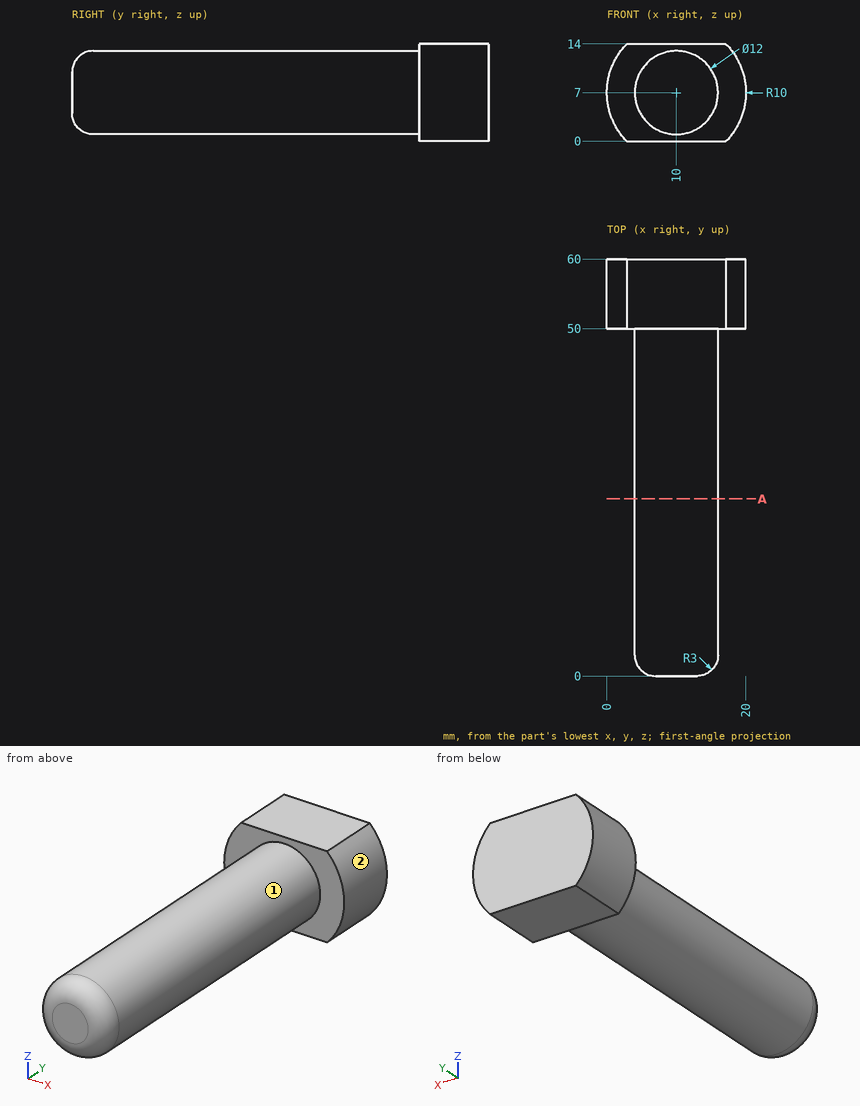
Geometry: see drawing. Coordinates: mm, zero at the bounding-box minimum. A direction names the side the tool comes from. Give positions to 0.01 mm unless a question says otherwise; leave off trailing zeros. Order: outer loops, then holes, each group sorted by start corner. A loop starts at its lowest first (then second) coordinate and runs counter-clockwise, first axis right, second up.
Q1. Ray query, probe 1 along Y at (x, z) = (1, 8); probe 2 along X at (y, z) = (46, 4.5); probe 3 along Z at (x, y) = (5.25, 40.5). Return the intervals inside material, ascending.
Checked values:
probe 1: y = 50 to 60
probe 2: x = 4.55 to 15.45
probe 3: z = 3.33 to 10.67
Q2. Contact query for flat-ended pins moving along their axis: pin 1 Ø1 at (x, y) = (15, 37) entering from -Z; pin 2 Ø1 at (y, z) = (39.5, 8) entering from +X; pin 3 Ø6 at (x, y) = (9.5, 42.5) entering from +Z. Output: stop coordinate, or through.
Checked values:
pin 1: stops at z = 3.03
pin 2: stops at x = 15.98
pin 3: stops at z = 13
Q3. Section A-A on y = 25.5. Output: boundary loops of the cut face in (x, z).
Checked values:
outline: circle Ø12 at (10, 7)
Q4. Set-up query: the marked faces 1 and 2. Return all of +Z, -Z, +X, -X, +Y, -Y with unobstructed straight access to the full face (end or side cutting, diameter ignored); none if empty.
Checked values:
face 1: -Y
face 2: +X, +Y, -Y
***
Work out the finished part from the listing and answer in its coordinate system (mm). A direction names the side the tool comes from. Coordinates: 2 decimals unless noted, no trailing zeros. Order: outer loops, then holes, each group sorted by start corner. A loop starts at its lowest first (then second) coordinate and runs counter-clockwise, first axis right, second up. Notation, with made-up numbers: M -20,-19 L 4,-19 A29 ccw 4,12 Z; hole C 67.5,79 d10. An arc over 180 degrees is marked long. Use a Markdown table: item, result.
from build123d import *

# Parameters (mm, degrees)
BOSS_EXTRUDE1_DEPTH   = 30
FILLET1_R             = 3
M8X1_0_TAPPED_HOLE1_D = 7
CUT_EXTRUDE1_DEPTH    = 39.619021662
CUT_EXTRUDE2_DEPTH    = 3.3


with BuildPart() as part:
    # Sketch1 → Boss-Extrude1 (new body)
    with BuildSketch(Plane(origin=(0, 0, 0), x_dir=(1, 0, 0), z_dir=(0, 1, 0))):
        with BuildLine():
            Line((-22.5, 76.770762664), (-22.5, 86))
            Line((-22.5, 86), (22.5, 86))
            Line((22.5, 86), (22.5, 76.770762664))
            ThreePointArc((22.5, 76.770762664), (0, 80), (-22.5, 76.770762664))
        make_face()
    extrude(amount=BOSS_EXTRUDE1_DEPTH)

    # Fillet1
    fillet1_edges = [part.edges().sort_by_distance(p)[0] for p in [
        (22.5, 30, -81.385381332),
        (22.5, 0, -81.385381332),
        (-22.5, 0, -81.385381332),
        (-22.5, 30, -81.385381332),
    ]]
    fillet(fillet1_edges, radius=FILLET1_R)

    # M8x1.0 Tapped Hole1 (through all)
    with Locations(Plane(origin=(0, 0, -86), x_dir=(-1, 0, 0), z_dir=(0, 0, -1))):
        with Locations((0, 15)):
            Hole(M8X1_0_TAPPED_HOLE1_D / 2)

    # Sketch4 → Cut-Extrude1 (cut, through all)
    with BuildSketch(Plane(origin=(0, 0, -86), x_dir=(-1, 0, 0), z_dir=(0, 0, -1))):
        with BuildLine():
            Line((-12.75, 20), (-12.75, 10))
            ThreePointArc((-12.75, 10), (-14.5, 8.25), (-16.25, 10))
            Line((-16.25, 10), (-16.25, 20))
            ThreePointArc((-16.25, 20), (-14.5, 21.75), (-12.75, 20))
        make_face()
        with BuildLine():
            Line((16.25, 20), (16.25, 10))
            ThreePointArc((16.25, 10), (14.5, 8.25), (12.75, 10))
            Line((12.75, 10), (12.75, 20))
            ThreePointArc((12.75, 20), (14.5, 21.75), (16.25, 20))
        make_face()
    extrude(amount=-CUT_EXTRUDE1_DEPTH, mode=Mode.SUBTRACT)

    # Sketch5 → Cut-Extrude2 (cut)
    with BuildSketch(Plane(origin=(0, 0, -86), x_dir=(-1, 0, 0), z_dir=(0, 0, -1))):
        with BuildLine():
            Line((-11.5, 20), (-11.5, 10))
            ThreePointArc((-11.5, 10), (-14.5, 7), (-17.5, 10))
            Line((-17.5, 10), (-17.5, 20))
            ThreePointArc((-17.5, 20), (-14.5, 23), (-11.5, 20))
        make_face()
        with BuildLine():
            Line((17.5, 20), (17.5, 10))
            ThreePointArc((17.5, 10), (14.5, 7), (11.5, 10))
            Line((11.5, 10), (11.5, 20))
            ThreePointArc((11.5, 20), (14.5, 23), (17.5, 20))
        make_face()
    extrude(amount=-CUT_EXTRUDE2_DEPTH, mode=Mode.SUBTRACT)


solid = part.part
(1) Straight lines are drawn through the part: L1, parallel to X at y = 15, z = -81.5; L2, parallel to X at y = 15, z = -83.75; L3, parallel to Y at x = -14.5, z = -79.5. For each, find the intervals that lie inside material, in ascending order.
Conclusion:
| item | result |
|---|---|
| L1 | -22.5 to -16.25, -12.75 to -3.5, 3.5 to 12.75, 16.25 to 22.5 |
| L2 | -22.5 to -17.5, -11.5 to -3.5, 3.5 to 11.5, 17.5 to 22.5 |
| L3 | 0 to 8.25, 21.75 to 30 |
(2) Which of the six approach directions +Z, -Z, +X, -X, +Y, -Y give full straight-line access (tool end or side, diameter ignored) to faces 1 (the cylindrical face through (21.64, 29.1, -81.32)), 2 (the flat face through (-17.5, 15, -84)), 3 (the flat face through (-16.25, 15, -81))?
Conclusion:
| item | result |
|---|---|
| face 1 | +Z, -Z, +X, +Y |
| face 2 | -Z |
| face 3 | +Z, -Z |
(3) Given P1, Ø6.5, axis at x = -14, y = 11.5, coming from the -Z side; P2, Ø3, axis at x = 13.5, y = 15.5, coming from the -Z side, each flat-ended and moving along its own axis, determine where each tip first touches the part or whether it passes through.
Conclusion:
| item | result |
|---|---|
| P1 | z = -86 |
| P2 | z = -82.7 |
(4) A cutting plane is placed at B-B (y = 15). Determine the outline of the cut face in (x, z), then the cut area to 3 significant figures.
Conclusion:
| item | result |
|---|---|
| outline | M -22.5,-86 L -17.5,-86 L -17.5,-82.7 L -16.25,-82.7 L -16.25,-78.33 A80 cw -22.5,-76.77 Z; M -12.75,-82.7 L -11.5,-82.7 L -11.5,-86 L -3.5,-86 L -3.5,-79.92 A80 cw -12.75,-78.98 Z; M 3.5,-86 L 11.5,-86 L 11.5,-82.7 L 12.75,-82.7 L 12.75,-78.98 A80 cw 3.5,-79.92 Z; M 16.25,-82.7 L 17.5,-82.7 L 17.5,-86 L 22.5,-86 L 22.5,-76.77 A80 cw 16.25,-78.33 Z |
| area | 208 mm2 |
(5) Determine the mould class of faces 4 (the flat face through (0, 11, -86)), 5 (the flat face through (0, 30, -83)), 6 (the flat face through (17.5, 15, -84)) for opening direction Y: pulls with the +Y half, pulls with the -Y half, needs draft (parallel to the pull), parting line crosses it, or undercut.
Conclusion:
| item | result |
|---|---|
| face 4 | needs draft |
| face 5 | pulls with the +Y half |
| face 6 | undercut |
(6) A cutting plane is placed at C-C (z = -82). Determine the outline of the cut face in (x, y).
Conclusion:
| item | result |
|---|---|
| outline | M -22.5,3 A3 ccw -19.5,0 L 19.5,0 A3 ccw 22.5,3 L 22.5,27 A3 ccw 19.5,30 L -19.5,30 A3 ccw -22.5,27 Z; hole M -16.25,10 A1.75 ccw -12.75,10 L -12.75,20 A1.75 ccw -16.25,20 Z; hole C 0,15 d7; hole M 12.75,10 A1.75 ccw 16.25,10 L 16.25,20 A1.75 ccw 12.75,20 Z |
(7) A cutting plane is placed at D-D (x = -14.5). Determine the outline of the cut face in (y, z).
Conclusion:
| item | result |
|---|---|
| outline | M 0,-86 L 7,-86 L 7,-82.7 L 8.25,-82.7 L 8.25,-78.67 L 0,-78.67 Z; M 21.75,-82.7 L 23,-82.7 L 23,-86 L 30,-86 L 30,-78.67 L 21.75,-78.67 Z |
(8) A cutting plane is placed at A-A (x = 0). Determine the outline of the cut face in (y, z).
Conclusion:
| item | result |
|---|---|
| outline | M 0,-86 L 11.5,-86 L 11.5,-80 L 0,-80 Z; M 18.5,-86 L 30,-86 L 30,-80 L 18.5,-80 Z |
***
▸ Your assignment: Looking back over the data above, restate word for word the lines that begin at the line with "Geometry: see drawing." and end at the line with "outline: circle Ø12 at (10, 7)", inclusive.

▸ Written solution:
Geometry: see drawing. Coordinates: mm, zero at the bounding-box minimum. A direction names the side the tool comes from. Give positions to 0.01 mm unless a question says otherwise; leave off trailing zeros. Order: outer loops, then holes, each group sorted by start corner. A loop starts at its lowest first (then second) coordinate and runs counter-clockwise, first axis right, second up.
Q1. Ray query, probe 1 along Y at (x, z) = (1, 8); probe 2 along X at (y, z) = (46, 4.5); probe 3 along Z at (x, y) = (5.25, 40.5). Return the intervals inside material, ascending.
Checked values:
probe 1: y = 50 to 60
probe 2: x = 4.55 to 15.45
probe 3: z = 3.33 to 10.67
Q2. Contact query for flat-ended pins moving along their axis: pin 1 Ø1 at (x, y) = (15, 37) entering from -Z; pin 2 Ø1 at (y, z) = (39.5, 8) entering from +X; pin 3 Ø6 at (x, y) = (9.5, 42.5) entering from +Z. Output: stop coordinate, or through.
Checked values:
pin 1: stops at z = 3.03
pin 2: stops at x = 15.98
pin 3: stops at z = 13
Q3. Section A-A on y = 25.5. Output: boundary loops of the cut face in (x, z).
Checked values:
outline: circle Ø12 at (10, 7)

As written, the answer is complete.